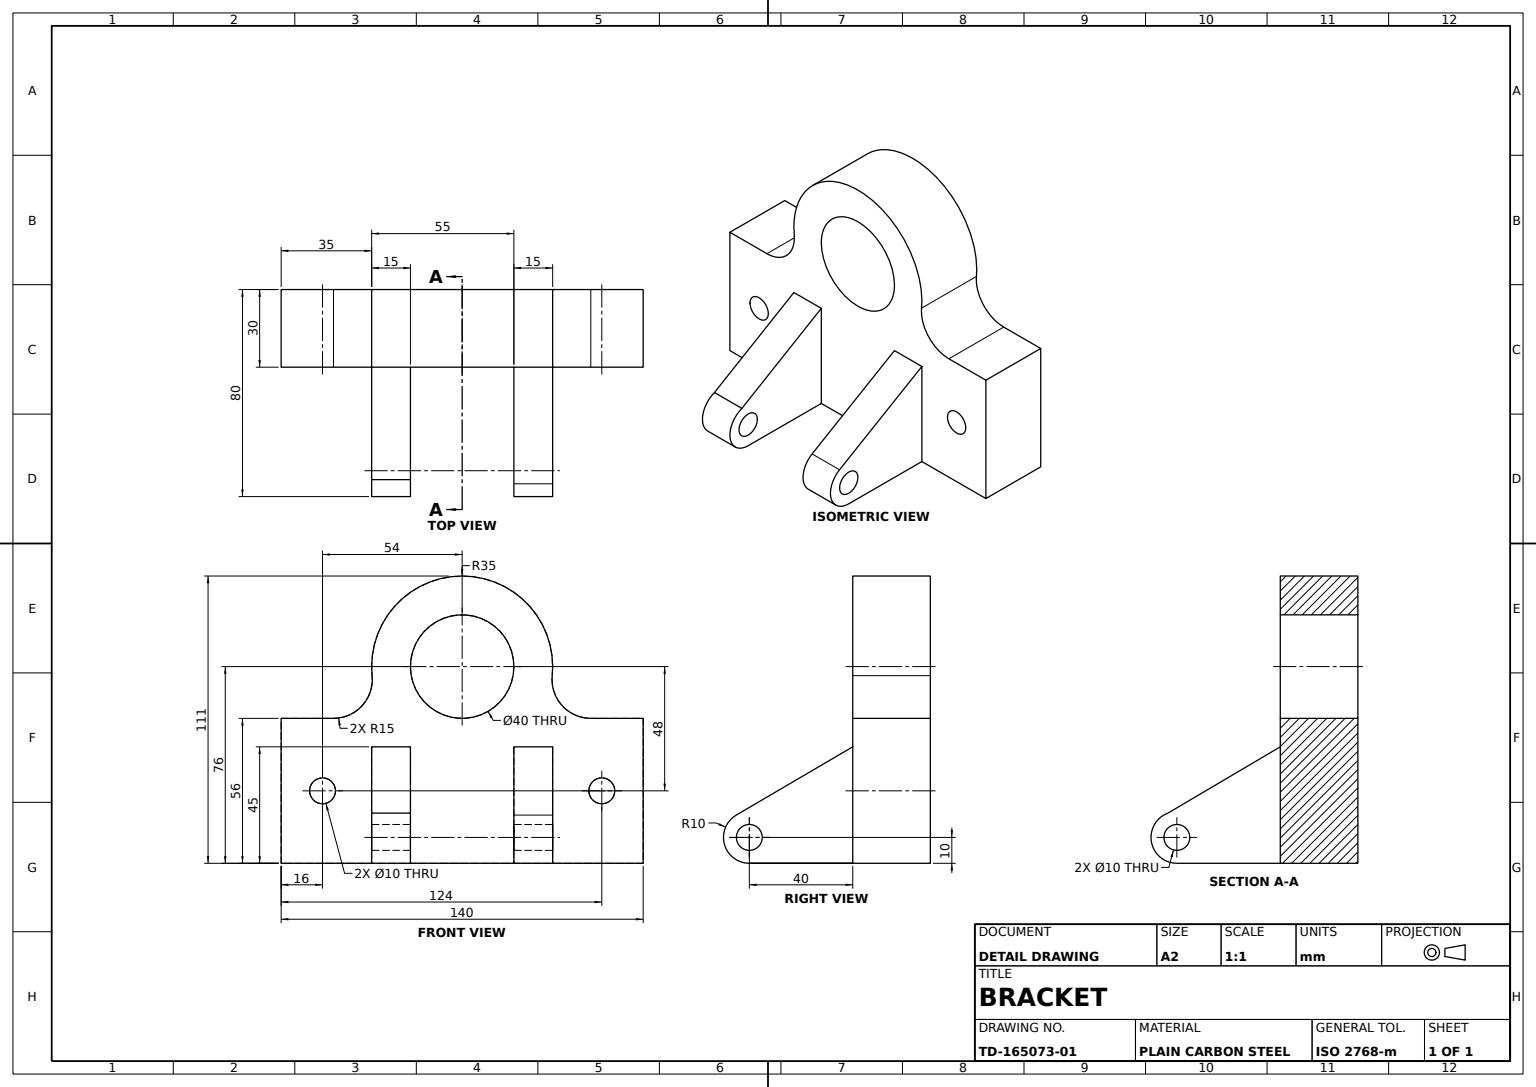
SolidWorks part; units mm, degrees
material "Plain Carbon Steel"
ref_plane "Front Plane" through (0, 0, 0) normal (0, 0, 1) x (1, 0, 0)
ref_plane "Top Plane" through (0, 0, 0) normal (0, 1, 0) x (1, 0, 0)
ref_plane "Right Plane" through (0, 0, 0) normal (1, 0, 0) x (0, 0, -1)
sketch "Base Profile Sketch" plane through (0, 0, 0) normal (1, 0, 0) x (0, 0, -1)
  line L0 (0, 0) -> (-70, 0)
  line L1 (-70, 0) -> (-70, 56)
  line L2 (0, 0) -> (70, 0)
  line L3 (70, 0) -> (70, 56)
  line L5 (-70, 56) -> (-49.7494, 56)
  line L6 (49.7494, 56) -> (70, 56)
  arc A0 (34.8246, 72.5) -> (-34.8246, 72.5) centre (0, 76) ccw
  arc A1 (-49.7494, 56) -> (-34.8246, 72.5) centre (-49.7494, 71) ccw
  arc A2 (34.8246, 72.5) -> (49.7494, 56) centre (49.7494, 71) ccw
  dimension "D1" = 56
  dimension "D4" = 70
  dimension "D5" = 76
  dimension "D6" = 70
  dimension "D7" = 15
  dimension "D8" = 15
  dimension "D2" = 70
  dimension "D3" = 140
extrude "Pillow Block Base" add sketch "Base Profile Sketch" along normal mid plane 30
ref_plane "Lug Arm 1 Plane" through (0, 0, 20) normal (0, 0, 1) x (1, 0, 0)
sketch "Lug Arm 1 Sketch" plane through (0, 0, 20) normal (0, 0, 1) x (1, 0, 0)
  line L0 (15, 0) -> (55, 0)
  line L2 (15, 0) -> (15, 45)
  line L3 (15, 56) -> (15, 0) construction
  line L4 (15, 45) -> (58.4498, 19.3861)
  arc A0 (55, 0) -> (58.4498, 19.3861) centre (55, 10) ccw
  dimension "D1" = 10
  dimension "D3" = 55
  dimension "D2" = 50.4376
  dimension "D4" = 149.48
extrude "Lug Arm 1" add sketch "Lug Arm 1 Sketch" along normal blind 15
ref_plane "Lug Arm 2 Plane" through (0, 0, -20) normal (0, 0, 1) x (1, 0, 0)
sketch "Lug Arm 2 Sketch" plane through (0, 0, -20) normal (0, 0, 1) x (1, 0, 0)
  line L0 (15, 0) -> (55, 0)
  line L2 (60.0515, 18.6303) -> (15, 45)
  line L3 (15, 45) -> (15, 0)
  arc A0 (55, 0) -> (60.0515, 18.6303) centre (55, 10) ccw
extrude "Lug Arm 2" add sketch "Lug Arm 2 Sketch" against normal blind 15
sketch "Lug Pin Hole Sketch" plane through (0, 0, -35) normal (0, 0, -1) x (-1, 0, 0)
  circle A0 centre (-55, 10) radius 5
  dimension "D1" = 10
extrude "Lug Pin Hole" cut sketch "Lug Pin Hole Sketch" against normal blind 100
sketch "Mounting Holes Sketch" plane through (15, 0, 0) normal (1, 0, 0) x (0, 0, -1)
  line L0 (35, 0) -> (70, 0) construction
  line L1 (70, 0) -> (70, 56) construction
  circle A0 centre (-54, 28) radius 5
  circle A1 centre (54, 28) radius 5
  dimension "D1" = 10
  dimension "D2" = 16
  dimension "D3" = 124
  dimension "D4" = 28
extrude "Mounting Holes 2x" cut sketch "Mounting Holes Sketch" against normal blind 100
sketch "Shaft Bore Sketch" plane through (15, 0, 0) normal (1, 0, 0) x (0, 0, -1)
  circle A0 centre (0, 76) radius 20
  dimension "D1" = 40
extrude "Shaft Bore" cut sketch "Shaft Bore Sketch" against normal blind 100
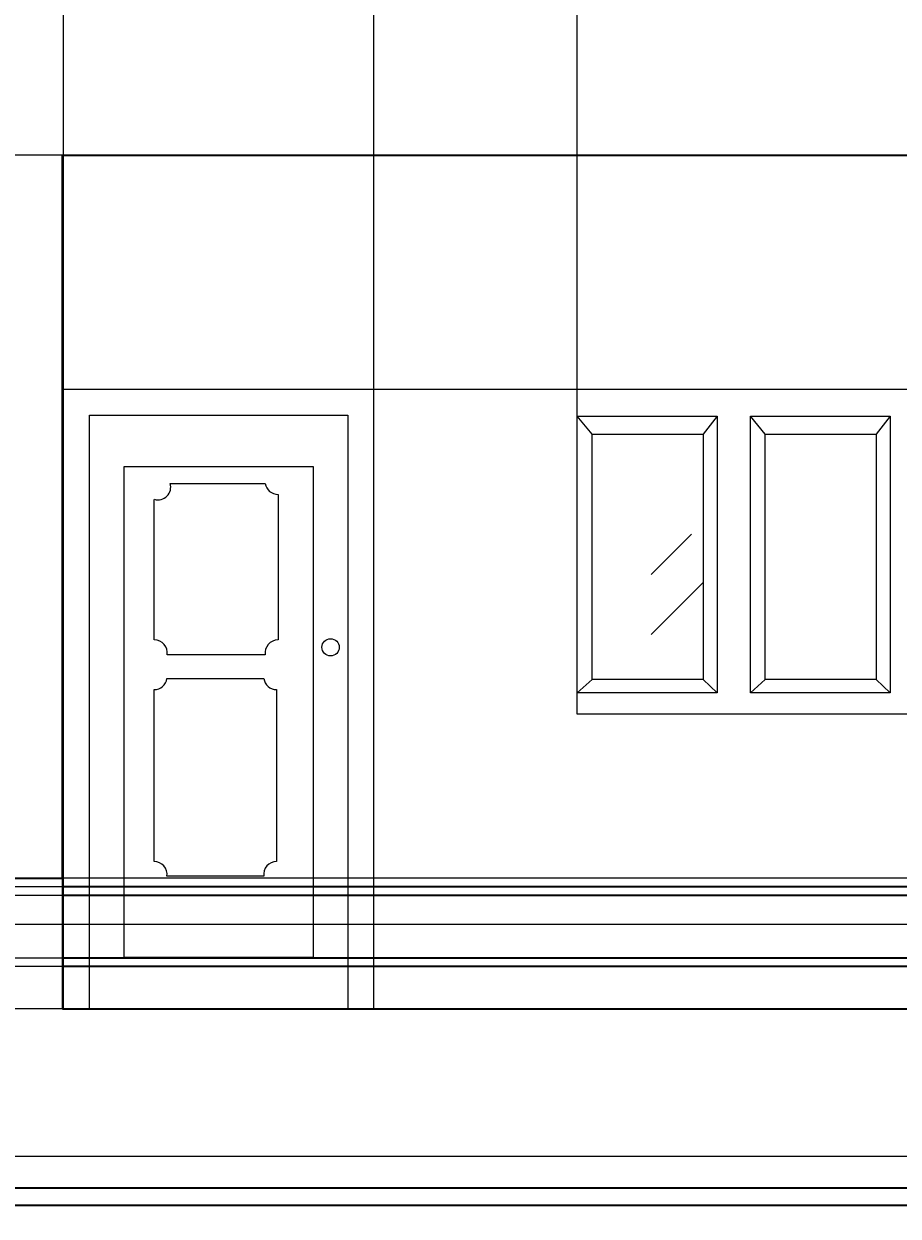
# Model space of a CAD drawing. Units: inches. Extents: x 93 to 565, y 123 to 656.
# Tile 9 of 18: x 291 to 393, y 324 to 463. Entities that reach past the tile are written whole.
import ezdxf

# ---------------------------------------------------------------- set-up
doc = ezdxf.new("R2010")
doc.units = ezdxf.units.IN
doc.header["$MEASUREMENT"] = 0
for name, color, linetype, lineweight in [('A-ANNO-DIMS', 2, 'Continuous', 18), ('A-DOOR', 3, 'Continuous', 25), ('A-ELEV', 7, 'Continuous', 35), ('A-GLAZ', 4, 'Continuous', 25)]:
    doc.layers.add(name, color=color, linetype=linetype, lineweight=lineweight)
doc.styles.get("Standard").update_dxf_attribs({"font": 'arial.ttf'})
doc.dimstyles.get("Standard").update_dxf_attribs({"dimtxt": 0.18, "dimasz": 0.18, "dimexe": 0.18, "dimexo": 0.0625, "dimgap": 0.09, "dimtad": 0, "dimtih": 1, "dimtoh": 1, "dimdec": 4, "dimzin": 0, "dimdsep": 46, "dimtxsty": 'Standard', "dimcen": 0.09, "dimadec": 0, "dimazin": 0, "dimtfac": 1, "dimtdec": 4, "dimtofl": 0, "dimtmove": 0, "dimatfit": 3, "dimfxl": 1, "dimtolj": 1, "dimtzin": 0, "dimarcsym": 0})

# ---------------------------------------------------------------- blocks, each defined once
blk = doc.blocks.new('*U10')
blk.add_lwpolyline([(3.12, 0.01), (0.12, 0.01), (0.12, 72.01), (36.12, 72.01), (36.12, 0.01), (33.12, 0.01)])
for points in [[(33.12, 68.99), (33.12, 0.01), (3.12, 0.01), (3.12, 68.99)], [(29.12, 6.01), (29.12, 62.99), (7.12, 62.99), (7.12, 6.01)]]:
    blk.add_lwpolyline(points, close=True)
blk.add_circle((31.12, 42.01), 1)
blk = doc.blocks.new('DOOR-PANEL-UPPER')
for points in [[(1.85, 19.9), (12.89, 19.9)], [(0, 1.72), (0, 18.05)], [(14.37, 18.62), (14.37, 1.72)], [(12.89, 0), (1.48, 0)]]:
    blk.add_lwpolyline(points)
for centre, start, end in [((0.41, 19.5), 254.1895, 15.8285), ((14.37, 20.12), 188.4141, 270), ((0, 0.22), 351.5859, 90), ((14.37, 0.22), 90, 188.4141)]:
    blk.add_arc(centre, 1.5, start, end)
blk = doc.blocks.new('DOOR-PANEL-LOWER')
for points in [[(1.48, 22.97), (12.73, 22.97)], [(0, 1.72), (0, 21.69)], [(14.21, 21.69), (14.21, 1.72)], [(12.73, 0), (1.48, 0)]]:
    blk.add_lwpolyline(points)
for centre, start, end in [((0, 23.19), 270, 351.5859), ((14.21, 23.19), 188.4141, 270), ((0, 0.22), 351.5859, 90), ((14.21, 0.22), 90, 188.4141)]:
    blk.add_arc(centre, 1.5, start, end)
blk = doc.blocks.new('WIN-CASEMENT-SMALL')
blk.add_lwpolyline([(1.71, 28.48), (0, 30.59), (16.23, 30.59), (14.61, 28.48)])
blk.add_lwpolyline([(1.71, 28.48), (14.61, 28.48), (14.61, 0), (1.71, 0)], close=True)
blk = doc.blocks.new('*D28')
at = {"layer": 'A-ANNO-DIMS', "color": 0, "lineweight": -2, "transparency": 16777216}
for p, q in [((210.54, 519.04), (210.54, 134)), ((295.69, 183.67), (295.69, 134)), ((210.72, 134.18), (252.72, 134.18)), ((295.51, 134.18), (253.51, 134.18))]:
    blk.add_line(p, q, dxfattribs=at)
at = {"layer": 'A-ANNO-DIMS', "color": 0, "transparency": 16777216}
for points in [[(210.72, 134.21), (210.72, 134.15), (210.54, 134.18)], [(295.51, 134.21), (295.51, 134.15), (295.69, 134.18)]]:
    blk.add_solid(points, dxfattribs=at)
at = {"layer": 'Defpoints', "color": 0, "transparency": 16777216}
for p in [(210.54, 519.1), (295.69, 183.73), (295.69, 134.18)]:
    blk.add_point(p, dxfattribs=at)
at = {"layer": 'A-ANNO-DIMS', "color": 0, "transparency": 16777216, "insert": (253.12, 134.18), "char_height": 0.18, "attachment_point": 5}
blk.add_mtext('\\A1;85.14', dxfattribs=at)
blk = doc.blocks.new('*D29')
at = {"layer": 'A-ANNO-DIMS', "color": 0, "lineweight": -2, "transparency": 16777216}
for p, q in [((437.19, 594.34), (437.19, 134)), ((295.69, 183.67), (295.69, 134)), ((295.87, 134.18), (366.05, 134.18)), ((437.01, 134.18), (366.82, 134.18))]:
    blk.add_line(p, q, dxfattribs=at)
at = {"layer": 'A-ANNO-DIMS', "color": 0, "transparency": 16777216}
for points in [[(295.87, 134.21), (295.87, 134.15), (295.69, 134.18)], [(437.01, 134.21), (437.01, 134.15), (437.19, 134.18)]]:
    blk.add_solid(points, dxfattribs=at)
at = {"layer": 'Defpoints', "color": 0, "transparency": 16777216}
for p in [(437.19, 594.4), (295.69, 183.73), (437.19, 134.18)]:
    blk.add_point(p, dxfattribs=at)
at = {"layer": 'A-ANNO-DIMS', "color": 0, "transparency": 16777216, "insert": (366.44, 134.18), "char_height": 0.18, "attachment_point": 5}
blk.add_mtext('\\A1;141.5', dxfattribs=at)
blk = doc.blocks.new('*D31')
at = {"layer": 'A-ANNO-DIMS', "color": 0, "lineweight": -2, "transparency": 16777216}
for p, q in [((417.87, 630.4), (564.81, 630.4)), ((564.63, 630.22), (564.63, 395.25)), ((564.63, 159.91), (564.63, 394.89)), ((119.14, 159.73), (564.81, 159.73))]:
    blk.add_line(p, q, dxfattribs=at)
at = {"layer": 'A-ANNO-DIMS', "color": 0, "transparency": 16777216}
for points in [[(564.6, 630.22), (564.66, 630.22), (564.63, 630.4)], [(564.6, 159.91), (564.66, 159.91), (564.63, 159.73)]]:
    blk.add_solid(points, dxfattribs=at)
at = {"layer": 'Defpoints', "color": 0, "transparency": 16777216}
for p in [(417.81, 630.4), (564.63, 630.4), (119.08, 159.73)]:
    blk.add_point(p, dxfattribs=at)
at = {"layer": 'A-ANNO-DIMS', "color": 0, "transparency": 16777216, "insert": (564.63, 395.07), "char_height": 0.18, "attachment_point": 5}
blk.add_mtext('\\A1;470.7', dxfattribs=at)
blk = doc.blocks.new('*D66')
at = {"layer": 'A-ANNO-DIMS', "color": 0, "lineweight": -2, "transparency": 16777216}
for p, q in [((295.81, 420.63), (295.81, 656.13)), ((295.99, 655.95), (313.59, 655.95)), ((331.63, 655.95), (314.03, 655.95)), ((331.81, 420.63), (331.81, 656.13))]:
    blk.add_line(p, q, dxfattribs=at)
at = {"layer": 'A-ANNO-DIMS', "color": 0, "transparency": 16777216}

########

*Exercise prompt*: Your reply must consist solely of the count of lines in the listing above that hold the string "blind".

*Output*: 5